Items listed in a dataset:

---

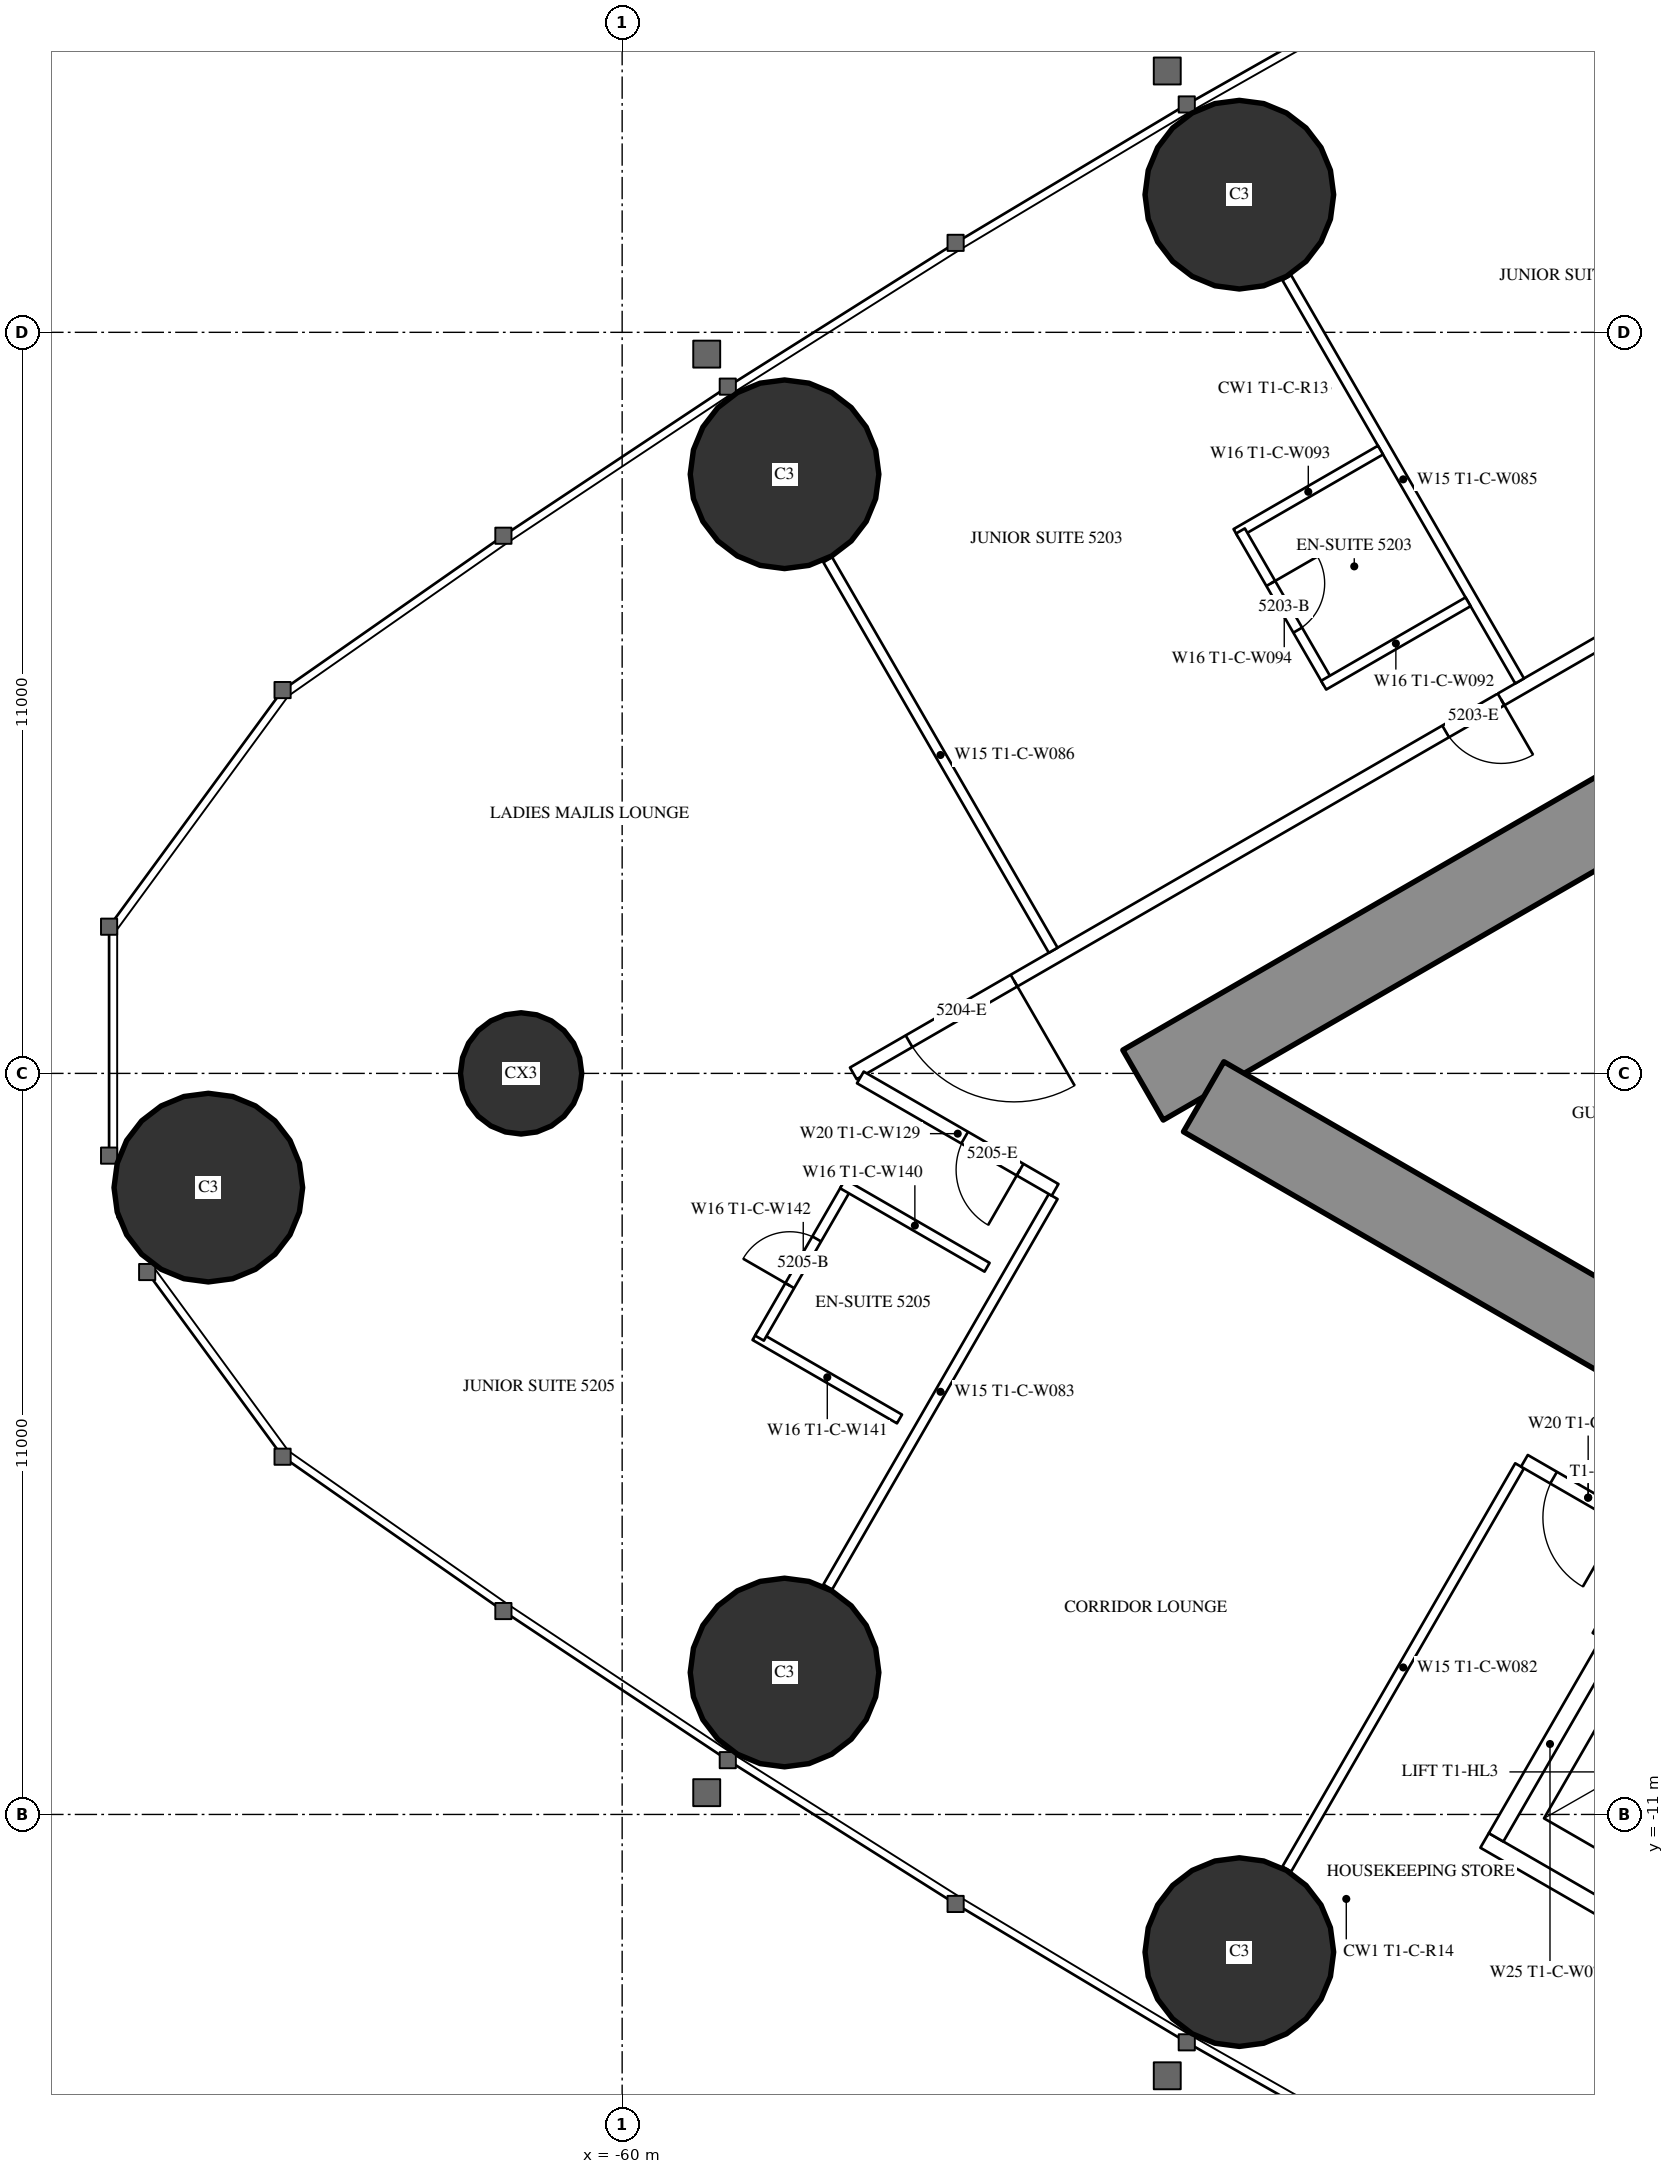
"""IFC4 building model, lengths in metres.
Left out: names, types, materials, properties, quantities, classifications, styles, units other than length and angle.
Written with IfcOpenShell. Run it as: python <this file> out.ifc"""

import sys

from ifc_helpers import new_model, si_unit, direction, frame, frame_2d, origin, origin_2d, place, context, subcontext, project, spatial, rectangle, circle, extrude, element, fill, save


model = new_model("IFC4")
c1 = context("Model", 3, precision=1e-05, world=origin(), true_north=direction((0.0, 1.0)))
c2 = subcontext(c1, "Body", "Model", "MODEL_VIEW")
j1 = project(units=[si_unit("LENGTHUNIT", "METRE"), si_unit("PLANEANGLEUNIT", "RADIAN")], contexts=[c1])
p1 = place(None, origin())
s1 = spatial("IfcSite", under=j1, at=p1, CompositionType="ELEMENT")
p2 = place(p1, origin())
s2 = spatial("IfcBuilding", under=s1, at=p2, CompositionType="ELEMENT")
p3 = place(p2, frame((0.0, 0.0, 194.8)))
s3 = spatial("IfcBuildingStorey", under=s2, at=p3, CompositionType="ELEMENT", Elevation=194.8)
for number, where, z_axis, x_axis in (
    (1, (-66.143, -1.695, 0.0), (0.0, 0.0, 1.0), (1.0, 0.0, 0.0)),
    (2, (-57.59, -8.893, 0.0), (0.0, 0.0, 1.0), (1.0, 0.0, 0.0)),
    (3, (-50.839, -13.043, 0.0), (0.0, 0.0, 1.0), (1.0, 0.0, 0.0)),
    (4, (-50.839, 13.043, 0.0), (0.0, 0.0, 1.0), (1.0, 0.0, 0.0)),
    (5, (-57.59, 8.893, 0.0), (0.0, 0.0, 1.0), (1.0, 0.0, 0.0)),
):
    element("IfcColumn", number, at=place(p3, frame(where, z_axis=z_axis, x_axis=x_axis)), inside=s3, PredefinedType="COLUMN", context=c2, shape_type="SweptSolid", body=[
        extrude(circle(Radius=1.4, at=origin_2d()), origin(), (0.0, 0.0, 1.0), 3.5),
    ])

---

_ASSIGNMENT_. Transcribe the records above exactly and drop every picture.

_REPLY TO THE TASK_.
"""IFC4 building model, lengths in metres.
Left out: names, types, materials, properties, quantities, classifications, styles, units other than length and angle.
Written with IfcOpenShell. Run it as: python <this file> out.ifc"""

import sys

from ifc_helpers import new_model, si_unit, direction, frame, frame_2d, origin, origin_2d, place, context, subcontext, project, spatial, rectangle, circle, extrude, element, fill, save


model = new_model("IFC4")
c1 = context("Model", 3, precision=1e-05, world=origin(), true_north=direction((0.0, 1.0)))
c2 = subcontext(c1, "Body", "Model", "MODEL_VIEW")
j1 = project(units=[si_unit("LENGTHUNIT", "METRE"), si_unit("PLANEANGLEUNIT", "RADIAN")], contexts=[c1])
p1 = place(None, origin())
s1 = spatial("IfcSite", under=j1, at=p1, CompositionType="ELEMENT")
p2 = place(p1, origin())
s2 = spatial("IfcBuilding", under=s1, at=p2, CompositionType="ELEMENT")
p3 = place(p2, frame((0.0, 0.0, 194.8)))
s3 = spatial("IfcBuildingStorey", under=s2, at=p3, CompositionType="ELEMENT", Elevation=194.8)
for number, where, z_axis, x_axis in (
    (1, (-66.143, -1.695, 0.0), (0.0, 0.0, 1.0), (1.0, 0.0, 0.0)),
    (2, (-57.59, -8.893, 0.0), (0.0, 0.0, 1.0), (1.0, 0.0, 0.0)),
    (3, (-50.839, -13.043, 0.0), (0.0, 0.0, 1.0), (1.0, 0.0, 0.0)),
    (4, (-50.839, 13.043, 0.0), (0.0, 0.0, 1.0), (1.0, 0.0, 0.0)),
    (5, (-57.59, 8.893, 0.0), (0.0, 0.0, 1.0), (1.0, 0.0, 0.0)),
):
    element("IfcColumn", number, at=place(p3, frame(where, z_axis=z_axis, x_axis=x_axis)), inside=s3, PredefinedType="COLUMN", context=c2, shape_type="SweptSolid", body=[
        extrude(circle(Radius=1.4, at=origin_2d()), origin(), (0.0, 0.0, 1.0), 3.5),
    ])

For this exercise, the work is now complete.